Exercise details → For every line in the data below that contains "ThreePointArc", copy the line.

Available data →
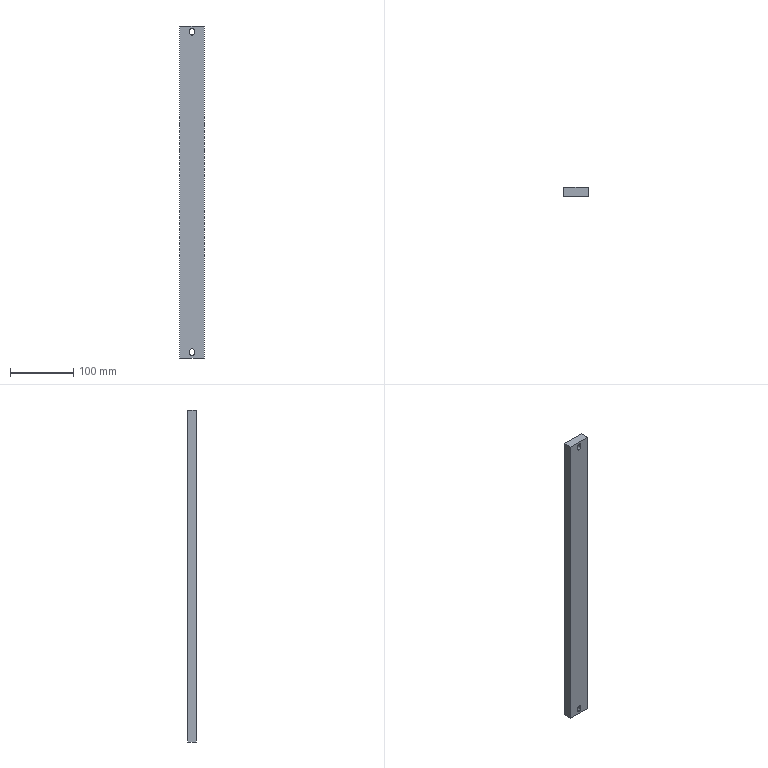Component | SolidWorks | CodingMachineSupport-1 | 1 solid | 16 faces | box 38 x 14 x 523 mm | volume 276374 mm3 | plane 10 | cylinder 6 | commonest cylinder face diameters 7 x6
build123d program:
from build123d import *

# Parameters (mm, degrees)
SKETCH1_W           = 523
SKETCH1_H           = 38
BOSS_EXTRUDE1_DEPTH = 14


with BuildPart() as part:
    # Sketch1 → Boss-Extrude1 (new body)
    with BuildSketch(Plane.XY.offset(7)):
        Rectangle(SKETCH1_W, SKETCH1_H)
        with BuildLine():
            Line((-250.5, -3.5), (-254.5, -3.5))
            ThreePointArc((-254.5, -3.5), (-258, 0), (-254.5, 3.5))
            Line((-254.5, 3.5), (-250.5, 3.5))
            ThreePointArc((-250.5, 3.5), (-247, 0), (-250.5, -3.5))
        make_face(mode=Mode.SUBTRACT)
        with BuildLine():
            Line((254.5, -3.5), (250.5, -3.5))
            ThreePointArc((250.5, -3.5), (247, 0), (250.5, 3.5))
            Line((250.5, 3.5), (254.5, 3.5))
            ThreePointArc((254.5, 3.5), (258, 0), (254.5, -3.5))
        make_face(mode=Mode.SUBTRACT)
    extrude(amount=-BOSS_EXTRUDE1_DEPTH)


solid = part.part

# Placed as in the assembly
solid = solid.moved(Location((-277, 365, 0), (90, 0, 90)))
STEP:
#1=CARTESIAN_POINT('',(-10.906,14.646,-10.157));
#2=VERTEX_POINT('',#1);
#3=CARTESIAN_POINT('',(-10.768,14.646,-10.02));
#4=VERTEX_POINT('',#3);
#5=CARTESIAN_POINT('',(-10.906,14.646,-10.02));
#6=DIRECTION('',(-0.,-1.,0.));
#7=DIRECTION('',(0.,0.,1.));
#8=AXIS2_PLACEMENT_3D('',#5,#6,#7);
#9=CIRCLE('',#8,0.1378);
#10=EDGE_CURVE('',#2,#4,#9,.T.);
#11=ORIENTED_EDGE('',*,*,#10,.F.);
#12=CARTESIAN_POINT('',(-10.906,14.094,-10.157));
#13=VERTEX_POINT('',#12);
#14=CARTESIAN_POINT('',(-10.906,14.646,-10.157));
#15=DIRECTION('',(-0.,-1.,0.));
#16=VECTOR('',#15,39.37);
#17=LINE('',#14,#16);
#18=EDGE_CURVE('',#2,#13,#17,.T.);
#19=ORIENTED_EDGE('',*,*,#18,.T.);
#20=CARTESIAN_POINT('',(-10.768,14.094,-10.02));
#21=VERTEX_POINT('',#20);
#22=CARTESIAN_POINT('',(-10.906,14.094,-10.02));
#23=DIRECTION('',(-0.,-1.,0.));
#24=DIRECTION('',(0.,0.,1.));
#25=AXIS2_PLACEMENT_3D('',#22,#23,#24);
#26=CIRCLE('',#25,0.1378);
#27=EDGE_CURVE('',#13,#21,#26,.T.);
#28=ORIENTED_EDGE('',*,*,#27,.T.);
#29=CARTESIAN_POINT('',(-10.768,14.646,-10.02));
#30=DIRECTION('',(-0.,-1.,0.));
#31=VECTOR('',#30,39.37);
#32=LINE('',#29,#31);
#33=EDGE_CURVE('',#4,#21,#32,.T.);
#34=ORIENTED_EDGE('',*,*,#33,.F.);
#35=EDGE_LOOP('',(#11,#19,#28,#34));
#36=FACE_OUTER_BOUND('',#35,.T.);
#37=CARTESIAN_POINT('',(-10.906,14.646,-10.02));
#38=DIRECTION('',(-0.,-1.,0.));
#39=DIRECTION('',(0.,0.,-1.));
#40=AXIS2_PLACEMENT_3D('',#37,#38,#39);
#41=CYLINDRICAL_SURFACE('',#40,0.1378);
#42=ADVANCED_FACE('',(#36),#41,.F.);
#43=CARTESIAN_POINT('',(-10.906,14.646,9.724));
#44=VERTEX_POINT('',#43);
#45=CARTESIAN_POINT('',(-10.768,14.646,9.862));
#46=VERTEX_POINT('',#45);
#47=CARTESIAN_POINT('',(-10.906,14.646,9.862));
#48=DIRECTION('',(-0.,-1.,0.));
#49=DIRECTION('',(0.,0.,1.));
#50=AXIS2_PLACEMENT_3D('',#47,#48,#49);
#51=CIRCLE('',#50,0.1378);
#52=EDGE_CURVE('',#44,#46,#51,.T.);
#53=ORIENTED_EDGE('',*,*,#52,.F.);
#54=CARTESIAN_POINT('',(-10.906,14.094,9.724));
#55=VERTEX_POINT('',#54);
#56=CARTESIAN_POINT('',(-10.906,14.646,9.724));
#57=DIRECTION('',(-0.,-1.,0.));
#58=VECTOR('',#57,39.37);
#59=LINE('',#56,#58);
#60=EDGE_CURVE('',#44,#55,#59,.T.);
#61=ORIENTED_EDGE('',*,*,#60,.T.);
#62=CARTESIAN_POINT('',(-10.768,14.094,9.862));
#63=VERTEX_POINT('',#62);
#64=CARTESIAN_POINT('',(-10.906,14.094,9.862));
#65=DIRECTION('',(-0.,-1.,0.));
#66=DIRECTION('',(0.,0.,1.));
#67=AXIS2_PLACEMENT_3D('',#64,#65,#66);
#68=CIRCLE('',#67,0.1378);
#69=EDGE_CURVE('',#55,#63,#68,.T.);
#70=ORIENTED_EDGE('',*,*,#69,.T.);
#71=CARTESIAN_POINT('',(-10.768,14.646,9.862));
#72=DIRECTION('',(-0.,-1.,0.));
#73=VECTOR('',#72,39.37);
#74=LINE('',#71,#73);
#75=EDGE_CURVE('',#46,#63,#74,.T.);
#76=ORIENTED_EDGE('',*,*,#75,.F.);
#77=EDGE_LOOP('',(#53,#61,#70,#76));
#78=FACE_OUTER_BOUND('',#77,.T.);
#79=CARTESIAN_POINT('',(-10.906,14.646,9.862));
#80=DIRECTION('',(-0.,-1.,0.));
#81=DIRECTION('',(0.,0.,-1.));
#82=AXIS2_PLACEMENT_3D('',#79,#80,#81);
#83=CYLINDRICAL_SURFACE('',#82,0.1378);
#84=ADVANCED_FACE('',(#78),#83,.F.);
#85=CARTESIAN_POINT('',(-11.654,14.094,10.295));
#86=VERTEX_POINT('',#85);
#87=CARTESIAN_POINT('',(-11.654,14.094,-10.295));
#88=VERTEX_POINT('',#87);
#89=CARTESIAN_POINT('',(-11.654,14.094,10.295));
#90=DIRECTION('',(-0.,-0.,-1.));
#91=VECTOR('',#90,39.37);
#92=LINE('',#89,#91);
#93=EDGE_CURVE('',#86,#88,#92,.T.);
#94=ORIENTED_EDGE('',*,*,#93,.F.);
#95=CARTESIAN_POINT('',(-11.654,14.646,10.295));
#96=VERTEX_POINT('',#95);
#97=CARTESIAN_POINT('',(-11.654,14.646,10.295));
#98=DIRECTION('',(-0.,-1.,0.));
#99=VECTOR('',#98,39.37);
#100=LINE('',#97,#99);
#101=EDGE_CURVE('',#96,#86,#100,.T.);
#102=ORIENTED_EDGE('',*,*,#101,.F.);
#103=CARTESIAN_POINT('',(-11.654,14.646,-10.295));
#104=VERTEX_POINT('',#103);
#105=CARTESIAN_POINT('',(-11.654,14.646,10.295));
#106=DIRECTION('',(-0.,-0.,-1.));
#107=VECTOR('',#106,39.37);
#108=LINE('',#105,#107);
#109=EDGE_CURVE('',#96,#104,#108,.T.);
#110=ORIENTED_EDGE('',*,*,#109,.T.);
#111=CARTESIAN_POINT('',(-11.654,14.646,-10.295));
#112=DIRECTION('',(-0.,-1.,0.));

Your response →
            ThreePointArc((-254.5, -3.5), (-258, 0), (-254.5, 3.5))
            ThreePointArc((-250.5, 3.5), (-247, 0), (-250.5, -3.5))
            ThreePointArc((250.5, -3.5), (247, 0), (250.5, 3.5))
            ThreePointArc((254.5, 3.5), (258, 0), (254.5, -3.5))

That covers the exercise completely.